Extracted data entries:
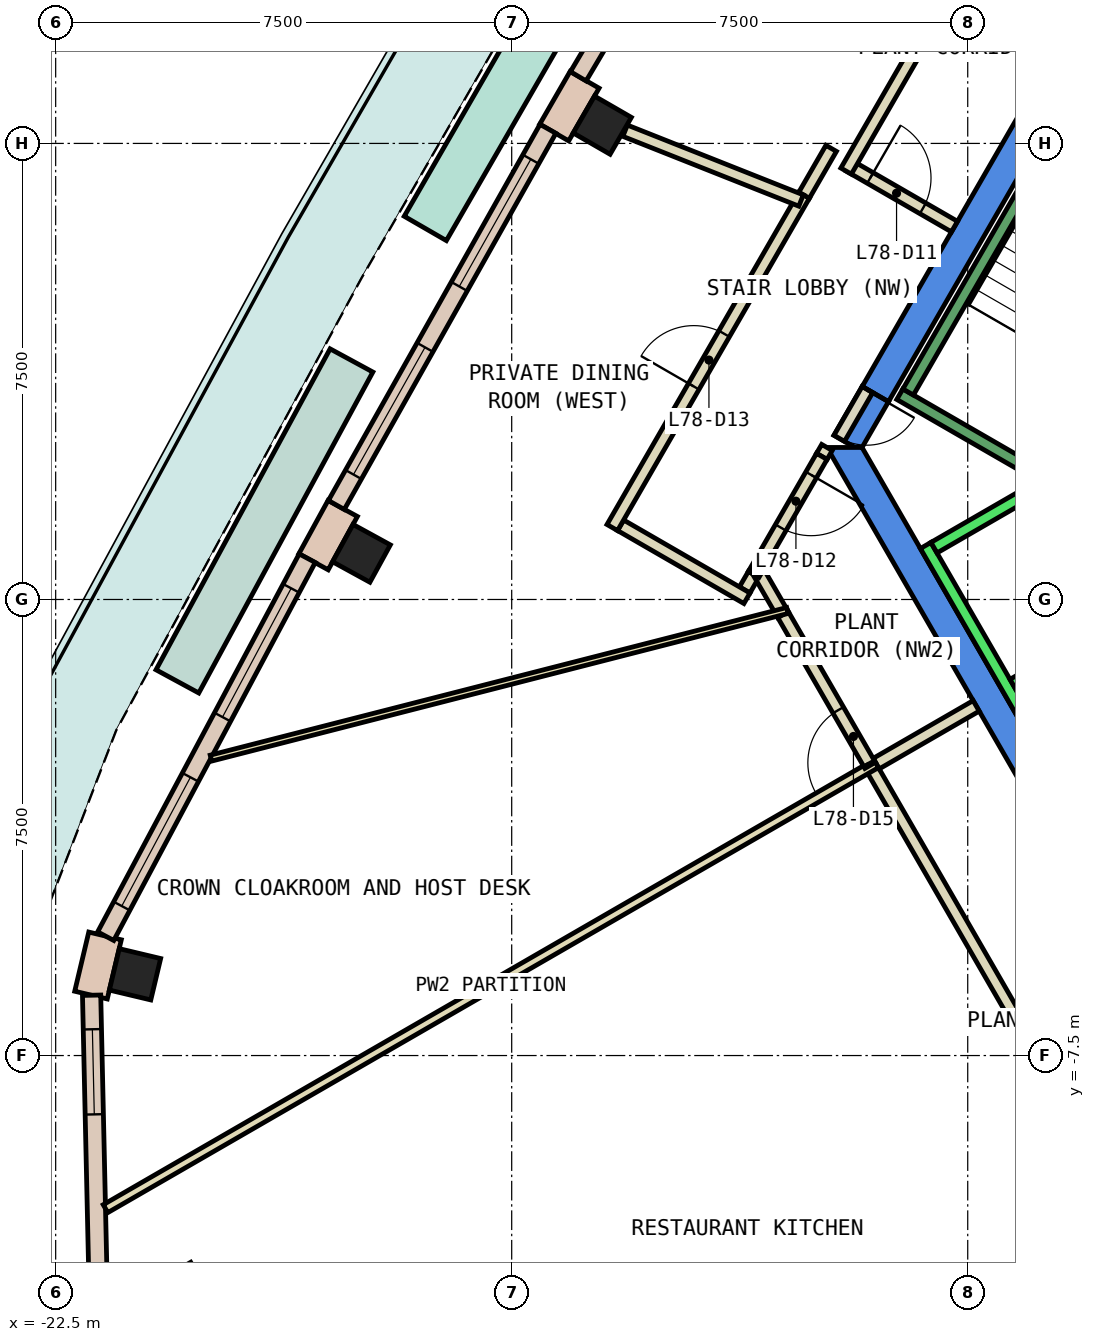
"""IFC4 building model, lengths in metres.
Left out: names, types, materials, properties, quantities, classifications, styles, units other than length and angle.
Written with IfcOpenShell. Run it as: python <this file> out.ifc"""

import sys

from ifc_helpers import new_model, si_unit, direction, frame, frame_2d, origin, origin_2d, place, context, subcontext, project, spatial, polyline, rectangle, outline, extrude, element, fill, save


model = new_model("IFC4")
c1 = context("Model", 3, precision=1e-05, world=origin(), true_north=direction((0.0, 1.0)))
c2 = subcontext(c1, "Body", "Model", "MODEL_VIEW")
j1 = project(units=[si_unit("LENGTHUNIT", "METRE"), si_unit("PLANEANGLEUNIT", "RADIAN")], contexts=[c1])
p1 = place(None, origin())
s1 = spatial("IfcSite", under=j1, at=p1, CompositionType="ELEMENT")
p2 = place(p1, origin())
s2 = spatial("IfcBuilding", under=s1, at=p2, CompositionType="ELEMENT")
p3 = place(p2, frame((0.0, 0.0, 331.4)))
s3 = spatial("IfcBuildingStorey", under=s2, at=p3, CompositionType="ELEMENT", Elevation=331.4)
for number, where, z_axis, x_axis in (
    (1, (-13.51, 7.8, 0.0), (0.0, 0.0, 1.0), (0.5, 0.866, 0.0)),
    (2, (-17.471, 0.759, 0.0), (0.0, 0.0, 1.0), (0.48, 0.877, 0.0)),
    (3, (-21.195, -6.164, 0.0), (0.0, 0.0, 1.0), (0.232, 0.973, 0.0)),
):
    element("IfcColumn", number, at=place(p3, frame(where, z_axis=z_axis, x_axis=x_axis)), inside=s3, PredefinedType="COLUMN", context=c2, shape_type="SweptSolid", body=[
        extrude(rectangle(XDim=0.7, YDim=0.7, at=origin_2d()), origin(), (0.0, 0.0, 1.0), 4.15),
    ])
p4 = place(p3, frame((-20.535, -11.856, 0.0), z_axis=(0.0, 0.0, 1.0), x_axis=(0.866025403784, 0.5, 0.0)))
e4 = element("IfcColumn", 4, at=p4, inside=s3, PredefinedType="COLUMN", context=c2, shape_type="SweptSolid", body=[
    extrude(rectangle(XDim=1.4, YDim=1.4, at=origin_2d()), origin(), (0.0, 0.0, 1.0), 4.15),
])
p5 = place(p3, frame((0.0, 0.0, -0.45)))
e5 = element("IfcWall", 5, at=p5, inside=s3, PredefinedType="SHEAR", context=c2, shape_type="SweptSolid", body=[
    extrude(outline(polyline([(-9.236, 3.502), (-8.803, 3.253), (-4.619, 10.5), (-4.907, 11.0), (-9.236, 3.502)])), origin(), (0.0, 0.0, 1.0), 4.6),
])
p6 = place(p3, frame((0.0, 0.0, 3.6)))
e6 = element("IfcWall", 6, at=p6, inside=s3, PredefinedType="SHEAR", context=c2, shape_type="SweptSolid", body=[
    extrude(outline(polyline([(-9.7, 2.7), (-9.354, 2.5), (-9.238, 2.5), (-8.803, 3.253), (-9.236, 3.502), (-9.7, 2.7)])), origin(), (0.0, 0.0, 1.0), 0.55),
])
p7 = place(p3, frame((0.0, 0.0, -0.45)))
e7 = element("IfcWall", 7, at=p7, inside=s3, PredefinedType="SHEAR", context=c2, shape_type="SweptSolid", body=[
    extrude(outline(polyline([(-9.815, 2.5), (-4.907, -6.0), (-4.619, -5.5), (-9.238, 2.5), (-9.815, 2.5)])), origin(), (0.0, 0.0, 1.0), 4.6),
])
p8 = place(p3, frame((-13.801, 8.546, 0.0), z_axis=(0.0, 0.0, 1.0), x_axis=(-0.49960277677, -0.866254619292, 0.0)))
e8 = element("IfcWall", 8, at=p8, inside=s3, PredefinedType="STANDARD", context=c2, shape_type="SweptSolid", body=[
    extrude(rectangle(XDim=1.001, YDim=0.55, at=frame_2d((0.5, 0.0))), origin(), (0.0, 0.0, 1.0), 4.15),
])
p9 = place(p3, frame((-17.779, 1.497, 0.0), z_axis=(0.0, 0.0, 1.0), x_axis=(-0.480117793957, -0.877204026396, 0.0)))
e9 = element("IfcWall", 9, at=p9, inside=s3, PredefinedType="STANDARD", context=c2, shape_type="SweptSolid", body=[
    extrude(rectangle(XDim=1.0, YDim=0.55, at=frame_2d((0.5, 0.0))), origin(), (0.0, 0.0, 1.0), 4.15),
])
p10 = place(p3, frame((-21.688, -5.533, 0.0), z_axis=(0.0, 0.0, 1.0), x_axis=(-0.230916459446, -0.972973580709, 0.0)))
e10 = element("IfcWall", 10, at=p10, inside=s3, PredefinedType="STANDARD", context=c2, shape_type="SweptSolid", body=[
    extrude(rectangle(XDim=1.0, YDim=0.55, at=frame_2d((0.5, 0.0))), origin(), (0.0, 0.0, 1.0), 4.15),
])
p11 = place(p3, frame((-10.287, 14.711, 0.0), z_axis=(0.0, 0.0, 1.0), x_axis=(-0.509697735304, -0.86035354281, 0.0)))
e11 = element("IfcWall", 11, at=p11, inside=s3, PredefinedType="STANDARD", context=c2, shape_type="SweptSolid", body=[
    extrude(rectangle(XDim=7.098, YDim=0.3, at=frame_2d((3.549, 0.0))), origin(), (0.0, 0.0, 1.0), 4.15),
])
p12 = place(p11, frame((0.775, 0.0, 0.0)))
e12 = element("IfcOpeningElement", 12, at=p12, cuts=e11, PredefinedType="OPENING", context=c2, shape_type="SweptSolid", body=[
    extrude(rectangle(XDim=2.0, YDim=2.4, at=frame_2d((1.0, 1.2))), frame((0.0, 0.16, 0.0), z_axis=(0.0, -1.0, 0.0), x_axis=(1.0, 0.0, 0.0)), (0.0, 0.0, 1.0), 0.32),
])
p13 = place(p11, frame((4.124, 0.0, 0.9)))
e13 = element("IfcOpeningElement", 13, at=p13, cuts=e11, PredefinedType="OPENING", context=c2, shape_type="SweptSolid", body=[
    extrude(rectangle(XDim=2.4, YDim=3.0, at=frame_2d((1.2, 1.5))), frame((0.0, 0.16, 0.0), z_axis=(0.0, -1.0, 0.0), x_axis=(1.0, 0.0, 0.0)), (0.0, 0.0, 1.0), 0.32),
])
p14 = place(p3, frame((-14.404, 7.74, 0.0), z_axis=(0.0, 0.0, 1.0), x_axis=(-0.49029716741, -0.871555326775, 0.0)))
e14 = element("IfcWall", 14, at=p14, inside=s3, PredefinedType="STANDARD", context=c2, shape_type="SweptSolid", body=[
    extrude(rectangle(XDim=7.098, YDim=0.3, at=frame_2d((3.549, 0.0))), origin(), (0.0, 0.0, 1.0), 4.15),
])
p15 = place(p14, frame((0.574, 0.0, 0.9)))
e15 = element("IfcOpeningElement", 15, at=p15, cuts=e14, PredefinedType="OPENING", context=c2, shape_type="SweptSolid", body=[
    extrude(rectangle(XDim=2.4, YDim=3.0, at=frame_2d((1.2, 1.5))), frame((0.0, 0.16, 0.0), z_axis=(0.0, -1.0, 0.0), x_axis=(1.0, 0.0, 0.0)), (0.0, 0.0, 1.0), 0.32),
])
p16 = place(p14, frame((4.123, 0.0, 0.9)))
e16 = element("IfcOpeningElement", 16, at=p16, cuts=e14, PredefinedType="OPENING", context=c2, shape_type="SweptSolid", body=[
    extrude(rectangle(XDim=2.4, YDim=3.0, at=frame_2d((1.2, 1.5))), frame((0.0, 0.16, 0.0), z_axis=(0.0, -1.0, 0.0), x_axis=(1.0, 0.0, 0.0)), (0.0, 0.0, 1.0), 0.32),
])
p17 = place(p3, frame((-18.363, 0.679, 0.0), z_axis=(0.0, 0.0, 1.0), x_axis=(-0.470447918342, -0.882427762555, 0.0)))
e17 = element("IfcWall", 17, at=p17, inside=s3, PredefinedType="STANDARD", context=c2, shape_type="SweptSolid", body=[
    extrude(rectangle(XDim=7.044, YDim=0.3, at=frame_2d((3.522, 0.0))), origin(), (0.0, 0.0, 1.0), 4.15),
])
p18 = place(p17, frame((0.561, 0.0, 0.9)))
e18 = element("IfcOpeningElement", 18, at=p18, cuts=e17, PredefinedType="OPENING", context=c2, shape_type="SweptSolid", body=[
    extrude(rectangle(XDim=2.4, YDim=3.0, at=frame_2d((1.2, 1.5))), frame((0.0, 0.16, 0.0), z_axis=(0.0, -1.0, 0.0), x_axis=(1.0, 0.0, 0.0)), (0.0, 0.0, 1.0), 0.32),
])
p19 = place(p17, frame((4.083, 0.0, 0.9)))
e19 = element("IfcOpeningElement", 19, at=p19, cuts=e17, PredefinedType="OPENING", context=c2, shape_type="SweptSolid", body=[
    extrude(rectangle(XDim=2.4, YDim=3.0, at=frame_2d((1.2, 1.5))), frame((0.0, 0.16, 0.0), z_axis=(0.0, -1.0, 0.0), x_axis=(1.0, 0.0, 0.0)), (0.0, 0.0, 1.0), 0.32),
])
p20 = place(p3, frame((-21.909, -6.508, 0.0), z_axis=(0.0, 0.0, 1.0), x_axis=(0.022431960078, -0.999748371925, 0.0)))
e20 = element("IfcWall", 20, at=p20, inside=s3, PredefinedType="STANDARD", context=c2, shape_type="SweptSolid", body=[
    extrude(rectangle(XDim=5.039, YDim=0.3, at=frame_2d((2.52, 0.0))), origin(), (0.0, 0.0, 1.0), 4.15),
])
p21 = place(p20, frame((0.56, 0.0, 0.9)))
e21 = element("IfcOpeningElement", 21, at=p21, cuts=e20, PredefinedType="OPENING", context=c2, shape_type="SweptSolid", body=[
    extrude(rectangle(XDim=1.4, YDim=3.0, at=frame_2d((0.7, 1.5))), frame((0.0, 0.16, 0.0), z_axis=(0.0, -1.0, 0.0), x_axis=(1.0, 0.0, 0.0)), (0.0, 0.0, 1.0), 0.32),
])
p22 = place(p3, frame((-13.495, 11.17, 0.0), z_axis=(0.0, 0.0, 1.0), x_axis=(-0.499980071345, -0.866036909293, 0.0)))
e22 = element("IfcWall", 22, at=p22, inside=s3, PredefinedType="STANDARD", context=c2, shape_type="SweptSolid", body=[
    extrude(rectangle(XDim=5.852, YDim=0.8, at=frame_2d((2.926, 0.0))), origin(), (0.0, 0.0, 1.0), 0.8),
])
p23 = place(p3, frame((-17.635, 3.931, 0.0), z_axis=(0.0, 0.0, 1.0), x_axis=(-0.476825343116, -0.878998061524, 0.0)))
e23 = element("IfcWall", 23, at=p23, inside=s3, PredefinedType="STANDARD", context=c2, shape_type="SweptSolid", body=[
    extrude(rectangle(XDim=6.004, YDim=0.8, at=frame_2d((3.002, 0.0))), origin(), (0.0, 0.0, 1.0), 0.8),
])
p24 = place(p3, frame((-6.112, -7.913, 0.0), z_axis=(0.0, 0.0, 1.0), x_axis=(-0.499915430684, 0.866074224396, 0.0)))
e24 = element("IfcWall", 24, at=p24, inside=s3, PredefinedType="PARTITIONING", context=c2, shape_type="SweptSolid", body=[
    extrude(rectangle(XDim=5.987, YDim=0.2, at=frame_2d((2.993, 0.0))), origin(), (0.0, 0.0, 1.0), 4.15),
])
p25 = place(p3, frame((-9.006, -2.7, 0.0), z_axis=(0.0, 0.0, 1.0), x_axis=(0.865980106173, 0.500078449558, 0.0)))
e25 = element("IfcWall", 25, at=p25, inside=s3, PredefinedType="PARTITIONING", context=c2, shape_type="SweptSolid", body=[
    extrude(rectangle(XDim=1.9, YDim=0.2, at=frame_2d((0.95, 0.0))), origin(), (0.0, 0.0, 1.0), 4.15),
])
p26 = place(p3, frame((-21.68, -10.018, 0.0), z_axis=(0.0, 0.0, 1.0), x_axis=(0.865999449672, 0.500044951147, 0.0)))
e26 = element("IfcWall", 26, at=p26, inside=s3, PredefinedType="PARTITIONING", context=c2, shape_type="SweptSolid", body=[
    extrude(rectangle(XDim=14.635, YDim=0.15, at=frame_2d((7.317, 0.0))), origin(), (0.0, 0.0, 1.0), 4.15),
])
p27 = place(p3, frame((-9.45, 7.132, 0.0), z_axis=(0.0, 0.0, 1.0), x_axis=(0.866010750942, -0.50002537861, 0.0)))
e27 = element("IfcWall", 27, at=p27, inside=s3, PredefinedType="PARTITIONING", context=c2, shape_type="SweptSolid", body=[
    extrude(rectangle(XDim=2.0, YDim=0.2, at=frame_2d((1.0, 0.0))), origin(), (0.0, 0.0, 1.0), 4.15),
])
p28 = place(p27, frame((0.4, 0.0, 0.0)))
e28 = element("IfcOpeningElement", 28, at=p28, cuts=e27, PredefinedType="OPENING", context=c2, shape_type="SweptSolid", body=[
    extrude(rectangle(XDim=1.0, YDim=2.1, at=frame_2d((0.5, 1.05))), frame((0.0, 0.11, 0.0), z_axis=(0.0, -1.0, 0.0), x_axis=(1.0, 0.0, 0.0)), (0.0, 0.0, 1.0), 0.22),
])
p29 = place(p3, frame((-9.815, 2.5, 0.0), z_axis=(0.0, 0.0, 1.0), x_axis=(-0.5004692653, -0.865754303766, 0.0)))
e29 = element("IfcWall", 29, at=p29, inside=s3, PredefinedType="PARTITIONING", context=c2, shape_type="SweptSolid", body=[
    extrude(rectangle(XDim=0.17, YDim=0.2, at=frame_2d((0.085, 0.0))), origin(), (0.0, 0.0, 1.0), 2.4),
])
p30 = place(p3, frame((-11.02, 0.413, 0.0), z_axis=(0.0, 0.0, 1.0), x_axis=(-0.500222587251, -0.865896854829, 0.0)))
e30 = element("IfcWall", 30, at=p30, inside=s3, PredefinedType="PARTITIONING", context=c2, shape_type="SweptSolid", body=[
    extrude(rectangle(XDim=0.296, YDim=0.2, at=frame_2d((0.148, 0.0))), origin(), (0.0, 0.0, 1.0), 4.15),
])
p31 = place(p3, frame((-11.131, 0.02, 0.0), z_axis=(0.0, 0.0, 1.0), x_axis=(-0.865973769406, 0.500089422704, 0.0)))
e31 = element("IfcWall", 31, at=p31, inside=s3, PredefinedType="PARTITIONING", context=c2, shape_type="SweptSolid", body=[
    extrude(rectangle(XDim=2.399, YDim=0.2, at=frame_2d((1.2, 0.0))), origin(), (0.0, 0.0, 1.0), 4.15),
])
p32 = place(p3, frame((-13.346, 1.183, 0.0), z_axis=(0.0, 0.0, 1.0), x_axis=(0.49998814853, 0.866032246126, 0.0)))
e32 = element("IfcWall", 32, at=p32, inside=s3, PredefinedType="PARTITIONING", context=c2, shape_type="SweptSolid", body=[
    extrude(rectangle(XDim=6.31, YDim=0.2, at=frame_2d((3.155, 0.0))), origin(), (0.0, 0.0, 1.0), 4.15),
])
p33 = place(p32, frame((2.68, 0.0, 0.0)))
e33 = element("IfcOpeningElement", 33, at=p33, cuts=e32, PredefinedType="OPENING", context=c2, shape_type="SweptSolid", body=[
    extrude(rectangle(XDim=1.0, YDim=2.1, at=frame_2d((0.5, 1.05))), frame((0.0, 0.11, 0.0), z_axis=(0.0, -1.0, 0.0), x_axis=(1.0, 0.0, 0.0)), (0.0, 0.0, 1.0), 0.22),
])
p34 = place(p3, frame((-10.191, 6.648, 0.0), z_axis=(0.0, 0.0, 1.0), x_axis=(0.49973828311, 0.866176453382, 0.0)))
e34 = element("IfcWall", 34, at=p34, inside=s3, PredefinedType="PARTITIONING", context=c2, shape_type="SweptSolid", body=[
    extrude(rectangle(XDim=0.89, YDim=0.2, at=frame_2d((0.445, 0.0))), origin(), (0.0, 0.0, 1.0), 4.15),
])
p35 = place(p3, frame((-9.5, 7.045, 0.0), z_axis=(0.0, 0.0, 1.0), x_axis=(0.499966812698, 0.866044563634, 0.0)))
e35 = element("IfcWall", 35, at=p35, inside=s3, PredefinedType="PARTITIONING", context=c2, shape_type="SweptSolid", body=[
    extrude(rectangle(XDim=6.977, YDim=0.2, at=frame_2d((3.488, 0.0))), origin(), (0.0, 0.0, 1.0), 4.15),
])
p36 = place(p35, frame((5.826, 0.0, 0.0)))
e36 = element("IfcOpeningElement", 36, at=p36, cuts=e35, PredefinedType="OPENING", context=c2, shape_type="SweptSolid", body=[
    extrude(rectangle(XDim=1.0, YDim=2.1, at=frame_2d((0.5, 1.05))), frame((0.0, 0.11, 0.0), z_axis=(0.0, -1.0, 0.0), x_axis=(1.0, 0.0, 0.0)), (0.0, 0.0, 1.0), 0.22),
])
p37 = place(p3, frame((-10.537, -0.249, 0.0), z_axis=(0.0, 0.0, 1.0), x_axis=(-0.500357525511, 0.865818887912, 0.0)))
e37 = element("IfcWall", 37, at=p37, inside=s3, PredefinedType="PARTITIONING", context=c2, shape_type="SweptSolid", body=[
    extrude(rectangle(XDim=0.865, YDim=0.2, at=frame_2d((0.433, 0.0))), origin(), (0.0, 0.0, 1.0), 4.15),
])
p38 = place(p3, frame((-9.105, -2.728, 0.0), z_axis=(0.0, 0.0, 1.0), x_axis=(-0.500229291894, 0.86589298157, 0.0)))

▶ TASK REQUIREMENTS
Write out each line above with the word "IfcOpeningElement".

▶ OUTPUT OF THE EXERCISE
e12 = element("IfcOpeningElement", 12, at=p12, cuts=e11, PredefinedType="OPENING", context=c2, shape_type="SweptSolid", body=[
e13 = element("IfcOpeningElement", 13, at=p13, cuts=e11, PredefinedType="OPENING", context=c2, shape_type="SweptSolid", body=[
e15 = element("IfcOpeningElement", 15, at=p15, cuts=e14, PredefinedType="OPENING", context=c2, shape_type="SweptSolid", body=[
e16 = element("IfcOpeningElement", 16, at=p16, cuts=e14, PredefinedType="OPENING", context=c2, shape_type="SweptSolid", body=[
e18 = element("IfcOpeningElement", 18, at=p18, cuts=e17, PredefinedType="OPENING", context=c2, shape_type="SweptSolid", body=[
e19 = element("IfcOpeningElement", 19, at=p19, cuts=e17, PredefinedType="OPENING", context=c2, shape_type="SweptSolid", body=[
e21 = element("IfcOpeningElement", 21, at=p21, cuts=e20, PredefinedType="OPENING", context=c2, shape_type="SweptSolid", body=[
e28 = element("IfcOpeningElement", 28, at=p28, cuts=e27, PredefinedType="OPENING", context=c2, shape_type="SweptSolid", body=[
e33 = element("IfcOpeningElement", 33, at=p33, cuts=e32, PredefinedType="OPENING", context=c2, shape_type="SweptSolid", body=[
e36 = element("IfcOpeningElement", 36, at=p36, cuts=e35, PredefinedType="OPENING", context=c2, shape_type="SweptSolid", body=[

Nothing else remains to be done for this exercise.